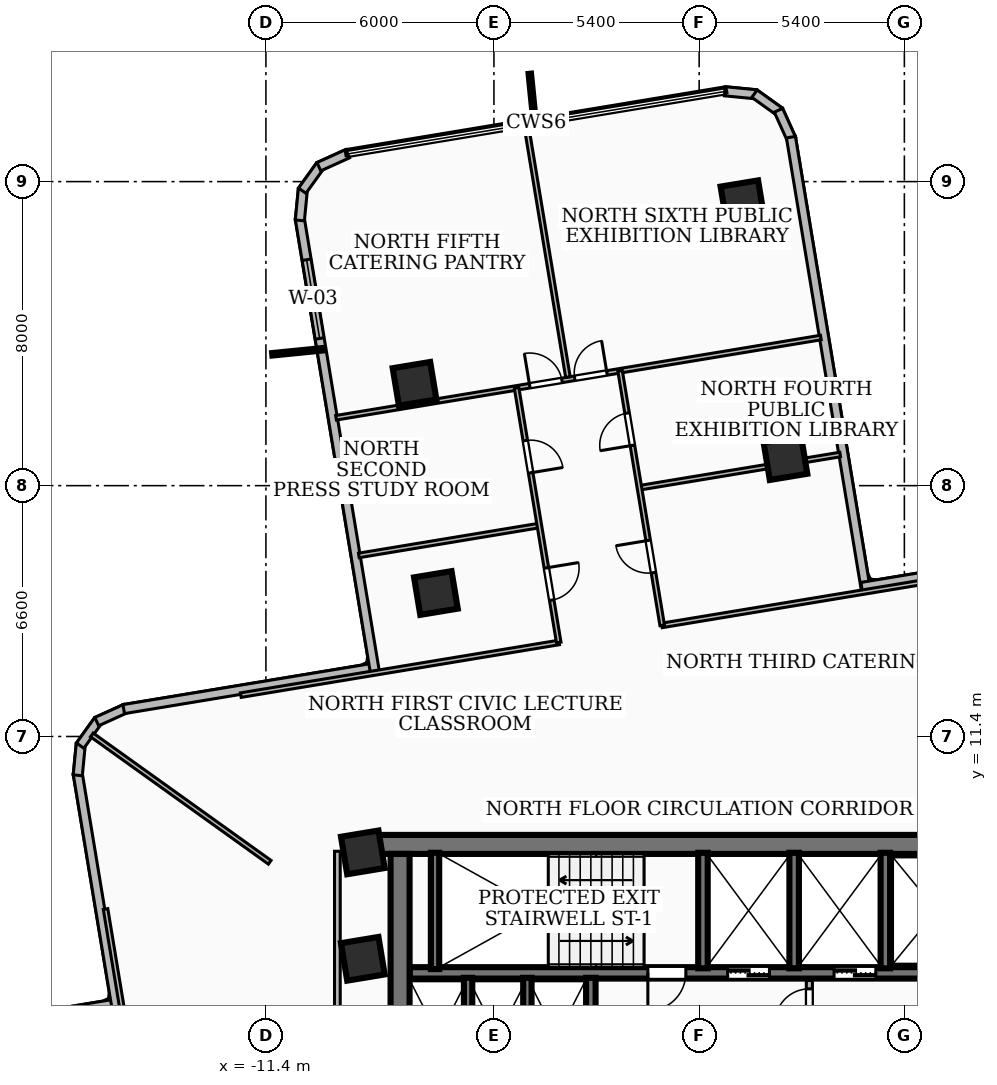
"""IFC4 building model, lengths in metres.
Left out: names, types, materials, properties, quantities, classifications, styles, units other than length and angle.
Written with IfcOpenShell. Run it as: python <this file> out.ifc"""

import sys

from ifc_helpers import new_model, si_unit, direction, frame, frame_2d, origin, origin_2d, place, context, subcontext, project, spatial, rectangle, extrude, element, fill, save


model = new_model("IFC4")
c1 = context("Model", 3, precision=1e-05, world=origin(), true_north=direction((0.0, 1.0)))
c2 = subcontext(c1, "Body", "Model", "MODEL_VIEW")
j1 = project(units=[si_unit("LENGTHUNIT", "METRE"), si_unit("PLANEANGLEUNIT", "RADIAN")], contexts=[c1])
p1 = place(None, origin())
s1 = spatial("IfcSite", under=j1, at=p1, CompositionType="ELEMENT")
p2 = place(p1, origin())
s2 = spatial("IfcBuilding", under=s1, at=p2, CompositionType="ELEMENT")
p3 = place(p2, frame((0.0, 0.0, 96.48)))
s3 = spatial("IfcBuildingStorey", under=s2, at=p3, CompositionType="ELEMENT", Elevation=96.48)
p4 = place(p3, frame((-8.78, 8.56, 0.0), z_axis=(0.0, 0.0, 1.0), x_axis=(1.0, 0.0, 0.0)))
e1 = element("IfcWall", 1, at=p4, inside=s3, PredefinedType="SHEAR", context=c2, shape_type="SweptSolid", body=[
    extrude(rectangle(XDim=17.56, YDim=0.5, at=frame_2d((8.78, 0.0))), origin(), (0.0, 0.0, 1.0), 3.34),
])
p5 = place(p3, frame((-7.87, 2.0, 0.0), z_axis=(0.0, 0.0, 1.0), x_axis=(0.0, 1.0, 0.0)))
e2 = element("IfcWall", 2, at=p5, inside=s3, PredefinedType="SHEAR", context=c2, shape_type="SweptSolid", body=[
    extrude(rectangle(XDim=6.31, YDim=0.5, at=frame_2d((3.155, 0.0))), origin(), (0.0, 0.0, 1.0), 3.34),
])
p6 = place(p3, frame((7.62, 5.18, 0.0), z_axis=(0.0, 0.0, 1.0), x_axis=(-1.0, 0.0, 0.0)))
e3 = element("IfcWall", 3, at=p6, inside=s3, PredefinedType="SOLIDWALL", context=c2, shape_type="SweptSolid", body=[
    extrude(rectangle(XDim=15.24, YDim=0.3, at=frame_2d((7.62, 0.0))), origin(), (0.0, 0.0, 1.0), 3.34),
])
p7 = place(p6, frame((5.77, 0.0, 0.0)))
e4 = element("IfcOpeningElement", 4, at=p7, cuts=e3, PredefinedType="OPENING", context=c2, shape_type="SweptSolid", body=[
    extrude(rectangle(XDim=1.1, YDim=2.15, at=frame_2d((0.55, 1.075))), frame((0.0, 0.16, 0.0), z_axis=(0.0, -1.0, 0.0), x_axis=(1.0, 0.0, 0.0)), (0.0, 0.0, 1.0), 0.32),
])
p8 = place(p6, frame((2.97, 0.0, 0.0)))
e5 = element("IfcOpeningElement", 5, at=p8, cuts=e3, PredefinedType="OPENING", context=c2, shape_type="SweptSolid", body=[
    extrude(rectangle(XDim=1.1, YDim=2.15, at=frame_2d((0.55, 1.075))), frame((0.0, 0.16, 0.0), z_axis=(0.0, -1.0, 0.0), x_axis=(1.0, 0.0, 0.0)), (0.0, 0.0, 1.0), 0.32),
])
p9 = place(p6, frame((7.97, 0.0, 0.0)))
e6 = element("IfcOpeningElement", 6, at=p9, cuts=e3, PredefinedType="OPENING", context=c2, shape_type="SweptSolid", body=[
    extrude(rectangle(XDim=1.0, YDim=2.1, at=frame_2d((0.5, 1.05))), frame((0.0, 0.16, 0.0), z_axis=(0.0, -1.0, 0.0), x_axis=(1.0, 0.0, 0.0)), (0.0, 0.0, 1.0), 0.32),
])
p10 = place(p3, frame((-6.95, 5.28, 0.0), z_axis=(0.0, 0.0, 1.0), x_axis=(0.0, 1.0, 0.0)))
e7 = element("IfcWall", 7, at=p10, inside=s3, PredefinedType="SOLIDWALL", context=c2, shape_type="SweptSolid", body=[
    extrude(rectangle(XDim=3.06, YDim=0.22, at=frame_2d((1.53, 0.0))), origin(), (0.0, 0.0, 1.0), 3.34),
])
for number, where, z_axis, x_axis in (
    (8, (0.1, 5.3, 0.0), (0.0, 0.0, 1.0), (0.0, 1.0, 0.0)),
    (9, (2.5, 5.3, 0.0), (0.0, 0.0, 1.0), (0.0, 1.0, 0.0)),
    (10, (4.9, 5.3, 0.0), (0.0, 0.0, 1.0), (0.0, 1.0, 0.0)),
):
    element("IfcWall", number, at=place(p3, frame(where, z_axis=z_axis, x_axis=x_axis)), inside=s3, PredefinedType="SOLIDWALL", context=c2, shape_type="SweptSolid", body=[
        extrude(rectangle(XDim=3.04, YDim=0.25, at=frame_2d((1.52, 0.0))), origin(), (0.0, 0.0, 1.0), 3.34),
    ])
p11 = place(p3, frame((-2.85, 1.98, 0.0), z_axis=(0.0, 0.0, 1.0), x_axis=(0.0, 1.0, 0.0)))
e11 = element("IfcWall", 11, at=p11, inside=s3, PredefinedType="SOLIDWALL", context=c2, shape_type="SweptSolid", body=[
    extrude(rectangle(XDim=3.07, YDim=0.25, at=frame_2d((1.535, 0.0))), origin(), (0.0, 0.0, 1.0), 3.34),
])
for number, where, z_axis, x_axis in (
    (12, (-6.08, 1.98, 0.0), (0.0, 0.0, 1.0), (0.0, 1.0, 0.0)),
    (13, (-4.52, 1.98, 0.0), (0.0, 0.0, 1.0), (0.0, 1.0, 0.0)),
):
    element("IfcWall", number, at=place(p3, frame(where, z_axis=z_axis, x_axis=x_axis)), inside=s3, PredefinedType="SOLIDWALL", context=c2, shape_type="SweptSolid", body=[
        extrude(rectangle(XDim=3.07, YDim=0.22, at=frame_2d((1.535, 0.0))), origin(), (0.0, 0.0, 1.0), 3.34),
    ])
for number, where, z_axis, x_axis in (
    (14, (-8.85, 5.55, 0.0), (0.0, 0.0, 1.0), (0.987, 0.163, 0.0)),
    (15, (-8.85, 8.35, 0.0), (0.0, 0.0, 1.0), (0.987, 0.163, 0.0)),
    (16, (2.271, 18.724, 0.0), (0.0, 0.0, 1.0), (0.987, 0.163, 0.0)),
    (17, (-6.927, 15.175, 0.0), (0.0, 0.0, 1.0), (0.987, 0.163, 0.0)),
    (18, (1.139, 25.457, 0.0), (0.0, 0.0, 1.0), (0.987, 0.163, 0.0)),
    (19, (-7.489, 20.679, 0.0), (0.0, 0.0, 1.0), (0.987, 0.163, 0.0)),
):
    element("IfcColumn", number, at=place(p3, frame(where, z_axis=z_axis, x_axis=x_axis)), inside=s3, PredefinedType="COLUMN", context=c2, shape_type="SweptSolid", body=[
        extrude(rectangle(XDim=1.0, YDim=1.0, at=origin_2d()), origin(), (0.0, 0.0, 1.0), 3.6),
    ])
p12 = place(p3, frame((-31.312, 1.729, 0.0), z_axis=(0.0, 0.0, 1.0), x_axis=(0.986572947557, 0.163321214629, 0.0)))
e20 = element("IfcWall", 20, at=p12, inside=s3, PredefinedType="SOLIDWALL", context=c2, shape_type="SweptSolid", body=[
    extrude(rectangle(XDim=16.274, YDim=0.24, at=frame_2d((8.137, 0.0))), origin(), (0.0, 0.0, 1.0), 3.34),
])
p13 = place(p12, frame((1.1, 0.0, 0.85)))
e21 = element("IfcOpeningElement", 21, at=p13, cuts=e20, PredefinedType="OPENING", context=c2, shape_type="SweptSolid", body=[
    extrude(rectangle(XDim=2.1, YDim=1.8, at=frame_2d((1.05, 0.9))), frame((0.0, 0.13, 0.0), z_axis=(0.0, -1.0, 0.0), x_axis=(1.0, 0.0, 0.0)), (0.0, 0.0, 1.0), 0.26),
])
p14 = place(p3, frame((-15.335, 4.276, 0.0), z_axis=(0.0, 0.0, 1.0), x_axis=(-0.16323720082, 0.986586851863, 0.0)))
e22 = element("IfcWall", 22, at=p14, inside=s3, PredefinedType="SOLIDWALL", context=c2, shape_type="SweptSolid", body=[
    extrude(rectangle(XDim=6.237, YDim=0.24, at=frame_2d((3.118, 0.0))), origin(), (0.0, 0.0, 1.0), 3.34),
])
p15 = place(p3, frame((-16.351, 10.379, 0.0), z_axis=(0.0, 0.0, 1.0), x_axis=(0.096474594184, 0.995335447313, 0.0)))
e23 = element("IfcWall", 23, at=p15, inside=s3, PredefinedType="SOLIDWALL", context=c2, shape_type="SweptSolid", body=[
    extrude(rectangle(XDim=0.83, YDim=0.24, at=frame_2d((0.415, 0.0))), origin(), (0.0, 0.0, 1.0), 3.34),
])
p16 = place(p3, frame((-16.288, 11.16, 0.0), z_axis=(0.0, 0.0, 1.0), x_axis=(0.583561896965, 0.812068662375, 0.0)))
e24 = element("IfcWall", 24, at=p16, inside=s3, PredefinedType="SOLIDWALL", context=c2, shape_type="SweptSolid", body=[
    extrude(rectangle(XDim=0.814, YDim=0.24, at=frame_2d((0.407, 0.0))), origin(), (0.0, 0.0, 1.0), 3.34),
])
p17 = place(p3, frame((-15.851, 11.791, 0.0), z_axis=(0.0, 0.0, 1.0), x_axis=(0.910868773958, 0.412696106872, 0.0)))
e25 = element("IfcWall", 25, at=p17, inside=s3, PredefinedType="SOLIDWALL", context=c2, shape_type="SweptSolid", body=[
    extrude(rectangle(XDim=0.831, YDim=0.24, at=frame_2d((0.416, 0.0))), origin(), (0.0, 0.0, 1.0), 3.34),
])
p18 = place(p3, frame((-15.142, 12.12, 0.0), z_axis=(0.0, 0.0, 1.0), x_axis=(0.986586085056, 0.163241835244, 0.0)))
e26 = element("IfcWall", 26, at=p18, inside=s3, PredefinedType="SOLIDWALL", context=c2, shape_type="SweptSolid", body=[
    extrude(rectangle(XDim=6.775, YDim=0.24, at=frame_2d((3.387, 0.0))), origin(), (0.0, 0.0, 1.0), 3.34),
])
p19 = place(p3, frame((-8.537, 13.115, 0.0), z_axis=(0.0, 0.0, 1.0), x_axis=(-0.163290786455, 0.986577984276, 0.0)))
e27 = element("IfcWall", 27, at=p19, inside=s3, PredefinedType="SOLIDWALL", context=c2, shape_type="SweptSolid", body=[
    extrude(rectangle(XDim=12.076, YDim=0.24, at=frame_2d((6.038, 0.0))), origin(), (0.0, 0.0, 1.0), 3.34),
])
p20 = place(p19, frame((8.876, 0.0, 0.85)))
e28 = element("IfcOpeningElement", 28, at=p20, cuts=e27, PredefinedType="OPENING", context=c2, shape_type="SweptSolid", body=[
    extrude(rectangle(XDim=2.1, YDim=2.0, at=frame_2d((1.05, 1.0))), frame((0.0, 0.13, 0.0), z_axis=(0.0, -1.0, 0.0), x_axis=(1.0, 0.0, 0.0)), (0.0, 0.0, 1.0), 0.26),
])
p21 = place(p3, frame((-10.507, 24.979, 0.0), z_axis=(0.0, 0.0, 1.0), x_axis=(0.096389937095, 0.995343649212, 0.0)))
e29 = element("IfcWall", 29, at=p21, inside=s3, PredefinedType="SOLIDWALL", context=c2, shape_type="SweptSolid", body=[
    extrude(rectangle(XDim=0.831, YDim=0.24, at=frame_2d((0.416, 0.0))), origin(), (0.0, 0.0, 1.0), 3.34),
])
p22 = place(p3, frame((-10.444, 25.761, 0.0), z_axis=(0.0, 0.0, 1.0), x_axis=(0.583561896965, 0.812068662375, 0.0)))
e30 = element("IfcWall", 30, at=p22, inside=s3, PredefinedType="SOLIDWALL", context=c2, shape_type="SweptSolid", body=[
    extrude(rectangle(XDim=0.814, YDim=0.24, at=frame_2d((0.407, 0.0))), origin(), (0.0, 0.0, 1.0), 3.34),
])
p23 = place(p3, frame((-10.007, 26.392, 0.0), z_axis=(0.0, 0.0, 1.0), x_axis=(0.91142038271, 0.41147647075, 0.0)))
e31 = element("IfcWall", 31, at=p23, inside=s3, PredefinedType="SOLIDWALL", context=c2, shape_type="SweptSolid", body=[
    extrude(rectangle(XDim=0.831, YDim=0.24, at=frame_2d((0.415, 0.0))), origin(), (0.0, 0.0, 1.0), 3.34),
])
p24 = place(p3, frame((0.674, 28.377, 0.0), z_axis=(0.0, 0.0, 1.0), x_axis=(0.99537180181, -0.096098783346, 0.0)))
e32 = element("IfcWall", 32, at=p24, inside=s3, PredefinedType="SOLIDWALL", context=c2, shape_type="SweptSolid", body=[
    extrude(rectangle(XDim=0.831, YDim=0.24, at=frame_2d((0.416, 0.0))), origin(), (0.0, 0.0, 1.0), 3.34),
])
p25 = place(p3, frame((1.456, 28.314, 0.0), z_axis=(0.0, 0.0, 1.0), x_axis=(0.812108665246, -0.583506226045, 0.0)))
e33 = element("IfcWall", 33, at=p25, inside=s3, PredefinedType="SOLIDWALL", context=c2, shape_type="SweptSolid", body=[
    extrude(rectangle(XDim=0.814, YDim=0.24, at=frame_2d((0.407, 0.0))), origin(), (0.0, 0.0, 1.0), 3.34),
])
p26 = place(p3, frame((2.087, 27.877, 0.0), z_axis=(0.0, 0.0, 1.0), x_axis=(0.412272558088, -0.91106055663, 0.0)))
e34 = element("IfcWall", 34, at=p26, inside=s3, PredefinedType="SOLIDWALL", context=c2, shape_type="SweptSolid", body=[
    extrude(rectangle(XDim=0.83, YDim=0.24, at=frame_2d((0.415, 0.0))), origin(), (0.0, 0.0, 1.0), 3.34),
])
p27 = place(p3, frame((2.415, 27.169, 0.0), z_axis=(0.0, 0.0, 1.0), x_axis=(0.163307072567, -0.986575288587, 0.0)))
e35 = element("IfcWall", 35, at=p27, inside=s3, PredefinedType="SOLIDWALL", context=c2, shape_type="SweptSolid", body=[
    extrude(rectangle(XDim=12.075, YDim=0.24, at=frame_2d((6.038, 0.0))), origin(), (0.0, 0.0, 1.0), 2.486),
])
p28 = place(p3, frame((4.276, 15.335, 0.0), z_axis=(0.0, 0.0, 1.0), x_axis=(0.986586851863, 0.16323720082, 0.0)))
e36 = element("IfcWall", 36, at=p28, inside=s3, PredefinedType="SOLIDWALL", context=c2, shape_type="SweptSolid", body=[
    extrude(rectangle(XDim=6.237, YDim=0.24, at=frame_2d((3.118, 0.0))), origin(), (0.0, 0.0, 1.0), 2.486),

• • •

Where a line of the data includes the string "units", list that line.

> _Exercise answer_:
Left out: names, types, materials, properties, quantities, classifications, styles, units other than length and angle.
j1 = project(units=[si_unit("LENGTHUNIT", "METRE"), si_unit("PLANEANGLEUNIT", "RADIAN")], contexts=[c1])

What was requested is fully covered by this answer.